* WHAT THIS TASK INVOLVES: Narrow the data below down to the lines containing "project".

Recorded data
= = = = = = =

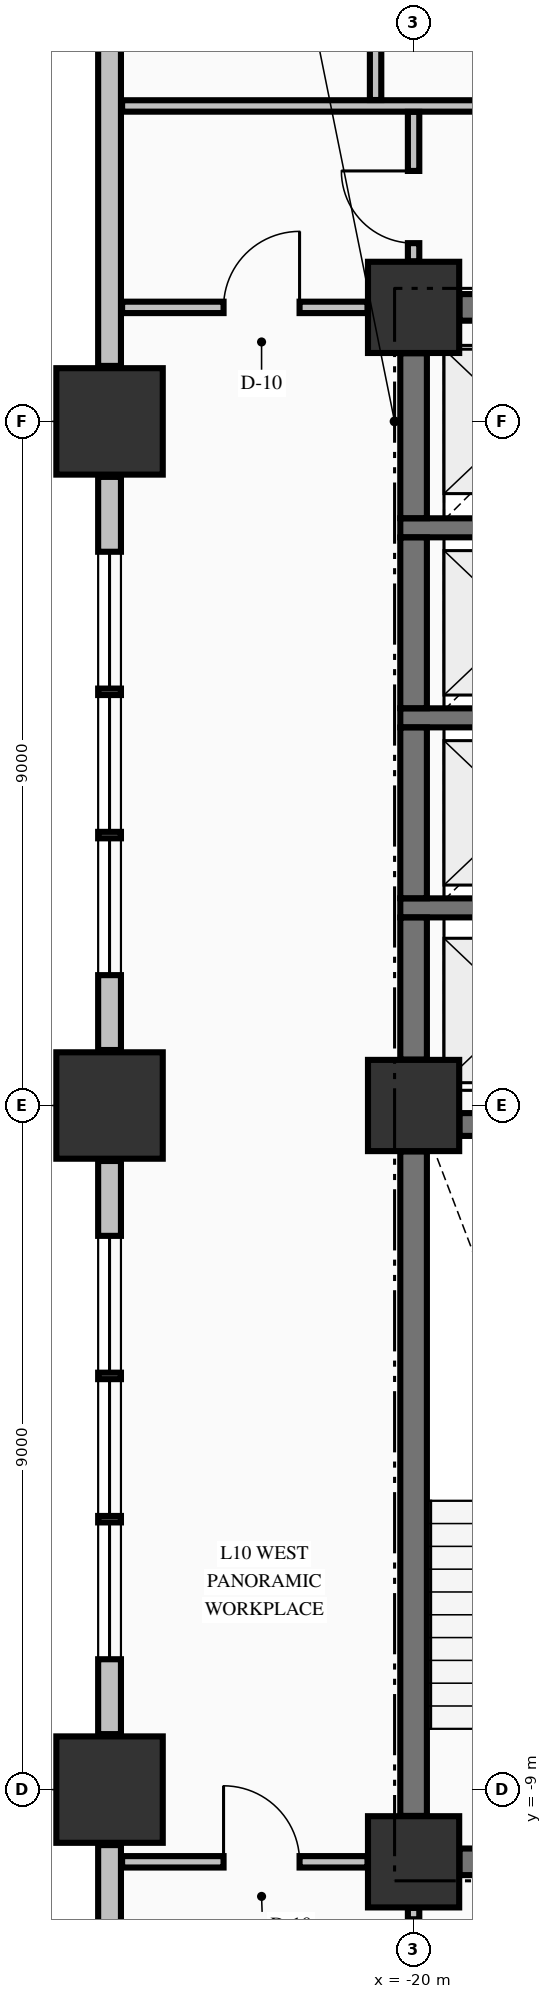
"""IFC4 building model, lengths in metres.
Left out: names, types, materials, properties, quantities, classifications, styles, units other than length and angle.
Written with IfcOpenShell. Run it as: python <this file> out.ifc"""

import sys

from ifc_helpers import new_model, si_unit, direction, frame, frame_2d, origin, origin_2d, place, context, subcontext, project, spatial, rectangle, extrude, element, fill, save


model = new_model("IFC4")
c1 = context("Model", 3, precision=1e-05, world=origin(), true_north=direction((0.0, 1.0)))
c2 = subcontext(c1, "Body", "Model", "MODEL_VIEW")
j1 = project(units=[si_unit("LENGTHUNIT", "METRE"), si_unit("PLANEANGLEUNIT", "RADIAN")], contexts=[c1])
p1 = place(None, origin())
s1 = spatial("IfcSite", under=j1, at=p1, CompositionType="ELEMENT")
p2 = place(p1, origin())
s2 = spatial("IfcBuilding", under=s1, at=p2, CompositionType="ELEMENT")
p3 = place(p2, frame((0.0, 0.0, 45.05)))
s3 = spatial("IfcBuildingStorey", under=s2, at=p3, CompositionType="ELEMENT", Elevation=45.05)
for number, where, z_axis, x_axis in (
    (1, (-24.0, -9.0, -0.25), (0.0, 0.0, 1.0), (1.0, 0.0, 0.0)),
    (2, (-24.0, 0.0, -0.25), (0.0, 0.0, 1.0), (1.0, 0.0, 0.0)),
    (3, (-24.0, 9.0, -0.25), (0.0, 0.0, 1.0), (1.0, 0.0, 0.0)),
):
    element("IfcColumn", number, at=place(p3, frame(where, z_axis=z_axis, x_axis=x_axis)), inside=s3, PredefinedType="COLUMN", context=c2, shape_type="SweptSolid", body=[
        extrude(rectangle(XDim=1.4, YDim=1.4, at=origin_2d()), origin(), (0.0, 0.0, 1.0), 3.57),
    ])
for number, where, z_axis, x_axis in (
    (4, (-20.0, -9.95, -0.25), (0.0, 0.0, 1.0), (1.0, 0.0, 0.0)),
    (5, (-20.0, 10.5, -0.25), (0.0, 0.0, 1.0), (1.0, 0.0, 0.0)),
    (6, (-20.0, 0.0, -0.25), (0.0, 0.0, 1.0), (1.0, 0.0, 0.0)),
):
    element("IfcColumn", number, at=place(p3, frame(where, z_axis=z_axis, x_axis=x_axis)), inside=s3, PredefinedType="COLUMN", context=c2, shape_type="SweptSolid", body=[
        extrude(rectangle(XDim=1.2, YDim=1.2, at=origin_2d()), origin(), (0.0, 0.0, 1.0), 3.57),
    ])
p4 = place(p3, frame((-24.0, -9.73, 0.0), z_axis=(0.0, 0.0, 1.0), x_axis=(0.0, -1.0, 0.0)))
e7 = element("IfcWall", 7, at=p4, inside=s3, PredefinedType="STANDARD", context=c2, shape_type="SweptSolid", body=[
    extrude(rectangle(XDim=12.54, YDim=0.3, at=frame_2d((6.27, 0.0))), origin(), (0.0, 0.0, 1.0), 2.712),
])
p5 = place(p3, frame((-24.0, -0.73, 0.0), z_axis=(0.0, 0.0, 1.0), x_axis=(0.0, -1.0, 0.0)))
e8 = element("IfcWall", 8, at=p5, inside=s3, PredefinedType="STANDARD", context=c2, shape_type="SweptSolid", body=[
    extrude(rectangle(XDim=7.54, YDim=0.3, at=frame_2d((3.77, 0.0))), origin(), (0.0, 0.0, 1.0), 2.712),
])
p6 = place(p5, frame((0.985, 0.0, 0.78)))
e9 = element("IfcOpeningElement", 9, at=p6, cuts=e8, PredefinedType="OPENING", context=c2, shape_type="SweptSolid", body=[
    extrude(rectangle(XDim=1.8, YDim=1.72, at=frame_2d((0.9, 0.86))), frame((0.0, 0.16, 0.0), z_axis=(0.0, -1.0, 0.0), x_axis=(1.0, 0.0, 0.0)), (0.0, 0.0, 1.0), 0.32),
])
p7 = place(p5, frame((2.87, 0.0, 0.78)))
e10 = element("IfcOpeningElement", 10, at=p7, cuts=e8, PredefinedType="OPENING", context=c2, shape_type="SweptSolid", body=[
    extrude(rectangle(XDim=1.8, YDim=1.72, at=frame_2d((0.9, 0.86))), frame((0.0, 0.16, 0.0), z_axis=(0.0, -1.0, 0.0), x_axis=(1.0, 0.0, 0.0)), (0.0, 0.0, 1.0), 0.32),
])
p8 = place(p5, frame((4.755, 0.0, 0.78)))
e11 = element("IfcOpeningElement", 11, at=p8, cuts=e8, PredefinedType="OPENING", context=c2, shape_type="SweptSolid", body=[
    extrude(rectangle(XDim=1.8, YDim=1.72, at=frame_2d((0.9, 0.86))), frame((0.0, 0.16, 0.0), z_axis=(0.0, -1.0, 0.0), x_axis=(1.0, 0.0, 0.0)), (0.0, 0.0, 1.0), 0.32),
])
p9 = place(p3, frame((-24.0, 8.27, 0.0), z_axis=(0.0, 0.0, 1.0), x_axis=(0.0, -1.0, 0.0)))
e12 = element("IfcWall", 12, at=p9, inside=s3, PredefinedType="STANDARD", context=c2, shape_type="SweptSolid", body=[
    extrude(rectangle(XDim=7.54, YDim=0.3, at=frame_2d((3.77, 0.0))), origin(), (0.0, 0.0, 1.0), 2.712),
])
p10 = place(p9, frame((0.985, 0.0, 0.78)))
e13 = element("IfcOpeningElement", 13, at=p10, cuts=e12, PredefinedType="OPENING", context=c2, shape_type="SweptSolid", body=[
    extrude(rectangle(XDim=1.8, YDim=1.72, at=frame_2d((0.9, 0.86))), frame((0.0, 0.16, 0.0), z_axis=(0.0, -1.0, 0.0), x_axis=(1.0, 0.0, 0.0)), (0.0, 0.0, 1.0), 0.32),
])
p11 = place(p9, frame((2.87, 0.0, 0.78)))
e14 = element("IfcOpeningElement", 14, at=p11, cuts=e12, PredefinedType="OPENING", context=c2, shape_type="SweptSolid", body=[
    extrude(rectangle(XDim=1.8, YDim=1.72, at=frame_2d((0.9, 0.86))), frame((0.0, 0.16, 0.0), z_axis=(0.0, -1.0, 0.0), x_axis=(1.0, 0.0, 0.0)), (0.0, 0.0, 1.0), 0.32),
])
p12 = place(p9, frame((4.755, 0.0, 0.78)))
e15 = element("IfcOpeningElement", 15, at=p12, cuts=e12, PredefinedType="OPENING", context=c2, shape_type="SweptSolid", body=[
    extrude(rectangle(XDim=1.8, YDim=1.72, at=frame_2d((0.9, 0.86))), frame((0.0, 0.16, 0.0), z_axis=(0.0, -1.0, 0.0), x_axis=(1.0, 0.0, 0.0)), (0.0, 0.0, 1.0), 0.32),
])
p13 = place(p3, frame((-24.0, 22.27, 0.0), z_axis=(0.0, 0.0, 1.0), x_axis=(0.0, -1.0, 0.0)))
e16 = element("IfcWall", 16, at=p13, inside=s3, PredefinedType="STANDARD", context=c2, shape_type="SweptSolid", body=[
    extrude(rectangle(XDim=12.54, YDim=0.3, at=frame_2d((6.27, 0.0))), origin(), (0.0, 0.0, 1.0), 2.712),
])
p14 = place(p3, frame((-19.396, -9.95, 0.0), z_axis=(0.0, 0.0, 1.0), x_axis=(1.0, 0.0, 0.0)))
e17 = element("IfcWall", 17, at=p14, inside=s3, PredefinedType="SHEAR", context=c2, shape_type="SweptSolid", body=[
    extrude(rectangle(XDim=4.696, YDim=0.35, at=frame_2d((2.348, 0.0))), origin(), (0.0, 0.0, 1.0), 3.32),
])
p15 = place(p14, frame((0.571, 0.0, 0.0)))
e18 = element("IfcOpeningElement", 18, at=p15, cuts=e17, PredefinedType="OPENING", context=c2, shape_type="SweptSolid", body=[
    extrude(rectangle(XDim=1.05, YDim=2.15, at=frame_2d((0.525, 1.075))), frame((0.0, 0.185, 0.0), z_axis=(0.0, -1.0, 0.0), x_axis=(1.0, 0.0, 0.0)), (0.0, 0.0, 1.0), 0.37),
])
p16 = place(p3, frame((-19.396, -0.25, 0.0), z_axis=(0.0, 0.0, 1.0), x_axis=(1.0, 0.0, 0.0)))
e19 = element("IfcWall", 19, at=p16, inside=s3, PredefinedType="SHEAR", context=c2, shape_type="SweptSolid", body=[
    extrude(rectangle(XDim=7.792, YDim=0.3, at=frame_2d((3.896, 0.0))), origin(), (0.0, 0.0, 1.0), 3.32),
])
p17 = place(p16, frame((5.696, 0.0, 0.0)))
e20 = element("IfcOpeningElement", 20, at=p17, cuts=e19, PredefinedType="OPENING", context=c2, shape_type="SweptSolid", body=[
    extrude(rectangle(XDim=1.1, YDim=2.15, at=frame_2d((0.55, 1.075))), frame((0.0, 0.16, 0.0), z_axis=(0.0, -1.0, 0.0), x_axis=(1.0, 0.0, 0.0)), (0.0, 0.0, 1.0), 0.32),
])
for number, where, z_axis, x_axis in (
    (21, (-20.175, 2.6, 0.0), (0.0, 0.0, 1.0), (1.0, 0.0, 0.0)),
    (22, (-20.175, 5.1, 0.0), (0.0, 0.0, 1.0), (1.0, 0.0, 0.0)),
    (23, (-20.175, 7.6, 0.0), (0.0, 0.0, 1.0), (1.0, 0.0, 0.0)),
):
    element("IfcWall", number, at=place(p3, frame(where, z_axis=z_axis, x_axis=x_axis)), inside=s3, PredefinedType="SOLIDWALL", context=c2, shape_type="SweptSolid", body=[
        extrude(rectangle(XDim=3.1, YDim=0.25, at=frame_2d((1.55, 0.0))), origin(), (0.0, 0.0, 1.0), 3.32),
    ])
p18 = place(p3, frame((-19.396, 10.5, 0.0), z_axis=(0.0, 0.0, 1.0), x_axis=(1.0, 0.0, 0.0)))
e24 = element("IfcWall", 24, at=p18, inside=s3, PredefinedType="SHEAR", context=c2, shape_type="SweptSolid", body=[
    extrude(rectangle(XDim=4.696, YDim=0.35, at=frame_2d((2.348, 0.0))), origin(), (0.0, 0.0, 1.0), 3.32),
])
p19 = place(p18, frame((2.796, 0.0, 0.0)))
e25 = element("IfcOpeningElement", 25, at=p19, cuts=e24, PredefinedType="OPENING", context=c2, shape_type="SweptSolid", body=[
    extrude(rectangle(XDim=1.2, YDim=2.15, at=frame_2d((0.6, 1.075))), frame((0.0, 0.185, 0.0), z_axis=(0.0, -1.0, 0.0), x_axis=(1.0, 0.0, 0.0)), (0.0, 0.0, 1.0), 0.37),
])
p20 = place(p3, frame((-23.835, -9.95, 0.0), z_axis=(0.0, 0.0, 1.0), x_axis=(1.0, 0.0, 0.0)))
e26 = element("IfcWall", 26, at=p20, inside=s3, PredefinedType="PARTITIONING", context=c2, shape_type="SweptSolid", body=[
    extrude(rectangle(XDim=3.229, YDim=0.15, at=frame_2d((1.615, 0.0))), origin(), (0.0, 0.0, 1.0), 3.32),
])
p21 = place(p20, frame((1.335, 0.0, 0.0)))
e27 = element("IfcOpeningElement", 27, at=p21, cuts=e26, PredefinedType="OPENING", context=c2, shape_type="SweptSolid", body=[
    extrude(rectangle(XDim=1.0, YDim=2.15, at=frame_2d((0.5, 1.075))), frame((0.0, 0.085, 0.0), z_axis=(0.0, -1.0, 0.0), x_axis=(1.0, 0.0, 0.0)), (0.0, 0.0, 1.0), 0.17),
])
p22 = place(p3, frame((-23.835, 10.5, 0.0), z_axis=(0.0, 0.0, 1.0), x_axis=(1.0, 0.0, 0.0)))
e28 = element("IfcWall", 28, at=p22, inside=s3, PredefinedType="PARTITIONING", context=c2, shape_type="SweptSolid", body=[
    extrude(rectangle(XDim=3.229, YDim=0.15, at=frame_2d((1.615, 0.0))), origin(), (0.0, 0.0, 1.0), 3.32),
])
p23 = place(p22, frame((1.335, 0.0, 0.0)))
e29 = element("IfcOpeningElement", 29, at=p23, cuts=e28, PredefinedType="OPENING", context=c2, shape_type="SweptSolid", body=[
    extrude(rectangle(XDim=1.0, YDim=2.15, at=frame_2d((0.5, 1.075))), frame((0.0, 0.085, 0.0), z_axis=(0.0, -1.0, 0.0), x_axis=(1.0, 0.0, 0.0)), (0.0, 0.0, 1.0), 0.17),
])
p24 = place(p3, frame((-23.835, 13.15, 0.0), z_axis=(0.0, 0.0, 1.0), x_axis=(1.0, 0.0, 0.0)))
e30 = element("IfcWall", 30, at=p24, inside=s3, PredefinedType="PARTITIONING", context=c2, shape_type="SweptSolid", body=[
    extrude(rectangle(XDim=52.67, YDim=0.15, at=frame_2d((26.335, 0.0))), origin(), (0.0, 0.0, 1.0), 3.32),
])
p25 = place(p24, frame((8.56, 0.0, 0.0)))
e31 = element("IfcOpeningElement", 31, at=p25, cuts=e30, PredefinedType="OPENING", context=c2, shape_type="SweptSolid", body=[
    extrude(rectangle(XDim=1.05, YDim=2.15, at=frame_2d((0.525, 1.075))), frame((0.0, 0.085, 0.0), z_axis=(0.0, -1.0, 0.0), x_axis=(1.0, 0.0, 0.0)), (0.0, 0.0, 1.0), 0.17),
])
p26 = place(p24, frame((16.56, 0.0, 0.0)))
e32 = element("IfcOpeningElement", 32, at=p26, cuts=e30, PredefinedType="OPENING", context=c2, shape_type="SweptSolid", body=[
    extrude(rectangle(XDim=0.95, YDim=2.15, at=frame_2d((0.475, 1.075))), frame((0.0, 0.085, 0.0), z_axis=(0.0, -1.0, 0.0), x_axis=(1.0, 0.0, 0.0)), (0.0, 0.0, 1.0), 0.17),
])
p27 = place(p24, frame((23.81, 0.0, 0.0)))
e33 = element("IfcOpeningElement", 33, at=p27, cuts=e30, PredefinedType="OPENING", context=c2, shape_type="SweptSolid", body=[
    extrude(rectangle(XDim=0.95, YDim=2.15, at=frame_2d((0.475, 1.075))), frame((0.0, 0.085, 0.0), z_axis=(0.0, -1.0, 0.0), x_axis=(1.0, 0.0, 0.0)), (0.0, 0.0, 1.0), 0.17),
])
p28 = place(p24, frame((28.36, 0.0, 0.0)))
e34 = element("IfcOpeningElement", 34, at=p28, cuts=e30, PredefinedType="OPENING", context=c2, shape_type="SweptSolid", body=[
    extrude(rectangle(XDim=0.95, YDim=2.15, at=frame_2d((0.475, 1.075))), frame((0.0, 0.085, 0.0), z_axis=(0.0, -1.0, 0.0), x_axis=(1.0, 0.0, 0.0)), (0.0, 0.0, 1.0), 0.17),
])
p29 = place(p24, frame((35.61, 0.0, 0.0)))
e35 = element("IfcOpeningElement", 35, at=p29, cuts=e30, PredefinedType="OPENING", context=c2, shape_type="SweptSolid", body=[
    extrude(rectangle(XDim=0.95, YDim=2.15, at=frame_2d((0.475, 1.075))), frame((0.0, 0.085, 0.0), z_axis=(0.0, -1.0, 0.0), x_axis=(1.0, 0.0, 0.0)), (0.0, 0.0, 1.0), 0.17),
])
p30 = place(p24, frame((40.16, 0.0, 0.0)))
e36 = element("IfcOpeningElement", 36, at=p30, cuts=e30, PredefinedType="OPENING", context=c2, shape_type="SweptSolid", body=[
    extrude(rectangle(XDim=1.05, YDim=2.15, at=frame_2d((0.525, 1.075))), frame((0.0, 0.085, 0.0), z_axis=(0.0, -1.0, 0.0), x_axis=(1.0, 0.0, 0.0)), (0.0, 0.0, 1.0), 0.17),
])
p31 = place(p3, frame((-20.0, -9.346, 0.0), z_axis=(0.0, 0.0, 1.0), x_axis=(0.0, 1.0, 0.0)))
e37 = element("IfcWall", 37, at=p31, inside=s3, PredefinedType="SHEAR", context=c2, shape_type="SweptSolid", body=[
    extrude(rectangle(XDim=8.742, YDim=0.35, at=frame_2d((4.371, 0.0))), origin(), (0.0, 0.0, 1.0), 3.32),
])
p32 = place(p3, frame((-20.0, 0.604, 0.0), z_axis=(0.0, 0.0, 1.0), x_axis=(0.0, 1.0, 0.0)))
e38 = element("IfcWall", 38, at=p32, inside=s3, PredefinedType="SHEAR", context=c2, shape_type="SweptSolid", body=[
    extrude(rectangle(XDim=1.869, YDim=0.35, at=frame_2d((0.935, 0.0))), origin(), (0.0, 0.0, 1.0), 3.32),
])
for number, where, z_axis, x_axis in (
    (39, (-20.0, 2.727, 0.0), (0.0, 0.0, 1.0), (0.0, 1.0, 0.0)),
    (40, (-20.0, 5.227, 0.0), (0.0, 0.0, 1.0), (0.0, 1.0, 0.0)),
):
    element("IfcWall", number, at=place(p3, frame(where, z_axis=z_axis, x_axis=x_axis)), inside=s3, PredefinedType="SHEAR", context=c2, shape_type="SweptSolid", body=[
        extrude(rectangle(XDim=2.246, YDim=0.35, at=frame_2d((1.123, 0.0))), origin(), (0.0, 0.0, 1.0), 3.32),
    ])
p33 = place(p3, frame((-20.0, 7.727, 0.0), z_axis=(0.0, 0.0, 1.0), x_axis=(0.0, 1.0, 0.0)))
e41 = element("IfcWall", 41, at=p33, inside=s3, PredefinedType="SHEAR", context=c2, shape_type="SweptSolid", body=[
    extrude(rectangle(XDim=2.169, YDim=0.35, at=frame_2d((1.084, 0.0))), origin(), (0.0, 0.0, 1.0), 3.32),
])
p34 = place(p3, frame((-20.5, 13.228, 0.0), z_axis=(0.0, 0.0, 1.0), x_axis=(0.0, 1.0, 0.0)))
e42 = element("IfcWall", 42, at=p34, inside=s3, PredefinedType="PARTITIONING", context=c2, shape_type="SweptSolid", body=[
    extrude(rectangle(XDim=9.066, YDim=0.15, at=frame_2d((4.533, 0.0))), origin(), (0.0, 0.0, 1.0), 3.32),
])
p35 = place(p3, frame((-20.0, -12.222, 0.0), z_axis=(0.0, 0.0, 1.0), x_axis=(0.0, 1.0, 0.0)))
e43 = element("IfcWall", 43, at=p35, inside=s3, PredefinedType="PARTITIONING", context=c2, shape_type="SweptSolid", body=[
    extrude(rectangle(XDim=1.666, YDim=0.15, at=frame_2d((0.833, 0.0))), origin(), (0.0, 0.0, 1.0), 3.32),
])
p36 = place(p35, frame((0.566, 0.0, 0.0)))
e44 = element("IfcOpeningElement", 44, at=p36, cuts=e43, PredefinedType="OPENING", context=c2, shape_type="SweptSolid", body=[
    extrude(rectangle(XDim=0.95, YDim=2.15, at=frame_2d((0.475, 1.075))), frame((0.0, 0.085, 0.0), z_axis=(0.0, -1.0, 0.0), x_axis=(1.0, 0.0, 0.0)), (0.0, 0.0, 1.0), 0.17),
])
p37 = place(p3, frame((-20.0, 11.106, 0.0), z_axis=(0.0, 0.0, 1.0), x_axis=(0.0, 1.0, 0.0)))
e45 = element("IfcWall", 45, at=p37, inside=s3, PredefinedType="PARTITIONING", context=c2, shape_type="SweptSolid", body=[
    extrude(rectangle(XDim=1.966, YDim=0.15, at=frame_2d((0.983, 0.0))), origin(), (0.0, 0.0, 1.0), 3.32),
])
p38 = place(p37, frame((0.239, 0.0, 0.0)))
e46 = element("IfcOpeningElement", 46, at=p38, cuts=e45, PredefinedType="OPENING", context=c2, shape_type="SweptSolid", body=[
    extrude(rectangle(XDim=0.95, YDim=2.15, at=frame_2d((0.475, 1.075))), frame((0.0, 0.085, 0.0), z_axis=(0.0, -1.0, 0.0), x_axis=(1.0, 0.0, 0.0)), (0.0, 0.0, 1.0), 0.17),
])
p39 = place(p6, origin())
e47 = element("IfcWindow", 47, at=p39, inside=s3, PartitioningType="SINGLE_PANEL", PredefinedType="WINDOW", context=c2, shape_type="SweptSolid", body=[
    extrude(rectangle(XDim=1.8, YDim=1.72, at=frame_2d((0.9, 0.86))), frame((0.0, 0.03, 0.0), z_axis=(0.0, -1.0, 0.0), x_axis=(1.0, 0.0, 0.0)), (0.0, 0.0, 1.0), 0.06),
])
fill(e9, e47)
p40 = place(p7, origin())
e48 = element("IfcWindow", 48, at=p40, inside=s3, PartitioningType="SINGLE_PANEL", PredefinedType="WINDOW", context=c2, shape_type="SweptSolid", body=[
    extrude(rectangle(XDim=1.8, YDim=1.72, at=frame_2d((0.9, 0.86))), frame((0.0, 0.03, 0.0), z_axis=(0.0, -1.0, 0.0), x_axis=(1.0, 0.0, 0.0)), (0.0, 0.0, 1.0), 0.06),
])
fill(e10, e48)
p41 = place(p8, origin())
e49 = element("IfcWindow", 49, at=p41, inside=s3, PartitioningType="SINGLE_PANEL", PredefinedType="WINDOW", context=c2, shape_type="SweptSolid", body=[
    extrude(rectangle(XDim=1.8, YDim=1.72, at=frame_2d((0.9, 0.86))), frame((0.0, 0.03, 0.0), z_axis=(0.0, -1.0, 0.0), x_axis=(1.0, 0.0, 0.0)), (0.0, 0.0, 1.0), 0.06),
])
fill(e11, e49)
p42 = place(p10, origin())
e50 = element("IfcWindow", 50, at=p42, inside=s3, PartitioningType="SINGLE_PANEL", PredefinedType="WINDOW", context=c2, shape_type="SweptSolid", body=[
    extrude(rectangle(XDim=1.8, YDim=1.72, at=frame_2d((0.9, 0.86))), frame((0.0, 0.03, 0.0), z_axis=(0.0, -1.0, 0.0), x_axis=(1.0, 0.0, 0.0)), (0.0, 0.0, 1.0), 0.06),
])
fill(e13, e50)
p43 = place(p11, origin())
e51 = element("IfcWindow", 51, at=p43, inside=s3, PartitioningType="SINGLE_PANEL", PredefinedType="WINDOW", context=c2, shape_type="SweptSolid", body=[
    extrude(rectangle(XDim=1.8, YDim=1.72, at=frame_2d((0.9, 0.86))), frame((0.0, 0.03, 0.0), z_axis=(0.0, -1.0, 0.0), x_axis=(1.0, 0.0, 0.0)), (0.0, 0.0, 1.0), 0.06),
])
fill(e14, e51)
p44 = place(p12, origin())
e52 = element("IfcWindow", 52, at=p44, inside=s3, PartitioningType="SINGLE_PANEL", PredefinedType="WINDOW", context=c2, shape_type="SweptSolid", body=[
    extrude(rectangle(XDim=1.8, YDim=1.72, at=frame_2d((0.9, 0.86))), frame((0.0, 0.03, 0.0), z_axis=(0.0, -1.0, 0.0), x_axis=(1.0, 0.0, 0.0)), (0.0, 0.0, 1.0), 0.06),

= = = = = = =

* ANSWER TO THIS PROBLEM:
from ifc_helpers import new_model, si_unit, direction, frame, frame_2d, origin, origin_2d, place, context, subcontext, project, spatial, rectangle, extrude, element, fill, save
j1 = project(units=[si_unit("LENGTHUNIT", "METRE"), si_unit("PLANEANGLEUNIT", "RADIAN")], contexts=[c1])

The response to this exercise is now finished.